(Dataset entries)
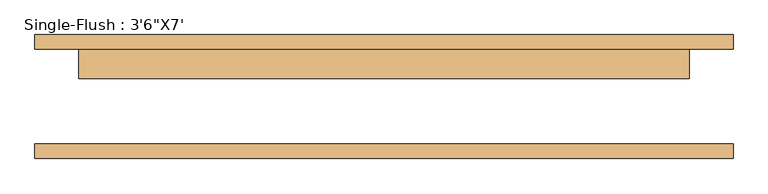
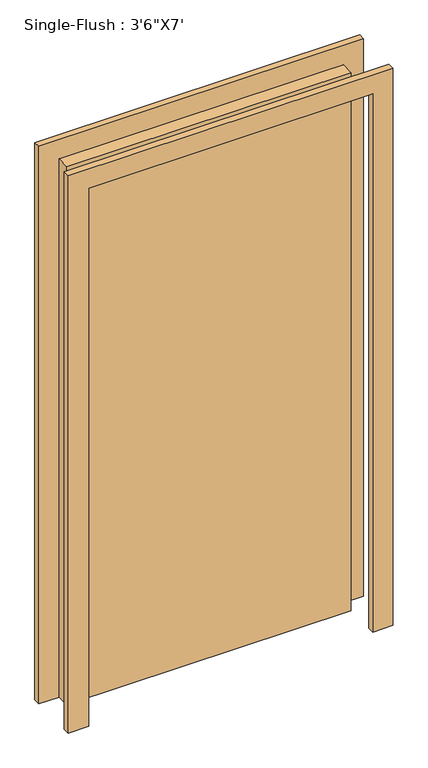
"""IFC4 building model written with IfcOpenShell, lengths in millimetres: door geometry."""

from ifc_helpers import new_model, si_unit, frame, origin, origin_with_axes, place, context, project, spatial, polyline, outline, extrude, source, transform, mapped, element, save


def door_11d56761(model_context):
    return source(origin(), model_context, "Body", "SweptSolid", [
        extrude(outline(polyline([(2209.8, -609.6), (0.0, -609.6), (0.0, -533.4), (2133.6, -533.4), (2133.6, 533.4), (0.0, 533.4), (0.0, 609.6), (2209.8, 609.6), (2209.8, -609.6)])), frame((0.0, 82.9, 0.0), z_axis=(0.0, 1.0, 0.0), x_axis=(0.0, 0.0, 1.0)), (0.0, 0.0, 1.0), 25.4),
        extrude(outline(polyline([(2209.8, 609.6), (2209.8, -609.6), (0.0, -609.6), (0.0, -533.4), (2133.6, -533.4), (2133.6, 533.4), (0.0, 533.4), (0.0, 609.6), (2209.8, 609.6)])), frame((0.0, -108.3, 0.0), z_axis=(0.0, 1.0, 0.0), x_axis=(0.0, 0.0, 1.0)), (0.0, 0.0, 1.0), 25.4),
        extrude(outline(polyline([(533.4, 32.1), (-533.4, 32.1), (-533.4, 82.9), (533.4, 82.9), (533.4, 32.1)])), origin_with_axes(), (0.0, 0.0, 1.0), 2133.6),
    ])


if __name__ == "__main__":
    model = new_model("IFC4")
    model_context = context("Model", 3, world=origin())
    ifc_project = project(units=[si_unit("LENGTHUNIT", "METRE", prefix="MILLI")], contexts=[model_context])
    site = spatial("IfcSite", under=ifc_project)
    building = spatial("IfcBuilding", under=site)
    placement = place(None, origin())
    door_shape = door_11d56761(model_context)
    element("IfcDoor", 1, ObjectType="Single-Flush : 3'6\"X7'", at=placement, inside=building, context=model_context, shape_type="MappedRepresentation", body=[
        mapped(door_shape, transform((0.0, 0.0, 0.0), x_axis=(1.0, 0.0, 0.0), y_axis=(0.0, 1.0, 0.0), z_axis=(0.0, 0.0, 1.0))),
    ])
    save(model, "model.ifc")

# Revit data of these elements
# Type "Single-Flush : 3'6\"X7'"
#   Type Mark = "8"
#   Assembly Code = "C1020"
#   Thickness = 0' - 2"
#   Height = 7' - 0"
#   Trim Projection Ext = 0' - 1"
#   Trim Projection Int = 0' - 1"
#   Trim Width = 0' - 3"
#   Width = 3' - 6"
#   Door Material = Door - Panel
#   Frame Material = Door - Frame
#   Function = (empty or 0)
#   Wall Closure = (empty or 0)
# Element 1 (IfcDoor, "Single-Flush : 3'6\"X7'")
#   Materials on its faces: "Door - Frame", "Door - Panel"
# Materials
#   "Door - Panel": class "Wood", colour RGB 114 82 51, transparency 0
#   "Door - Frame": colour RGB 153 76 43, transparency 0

**TASK OBJECTIVE**
The answer should consist only of the number of lines above in which "empty" appears.

**ANSWER SPACE**
2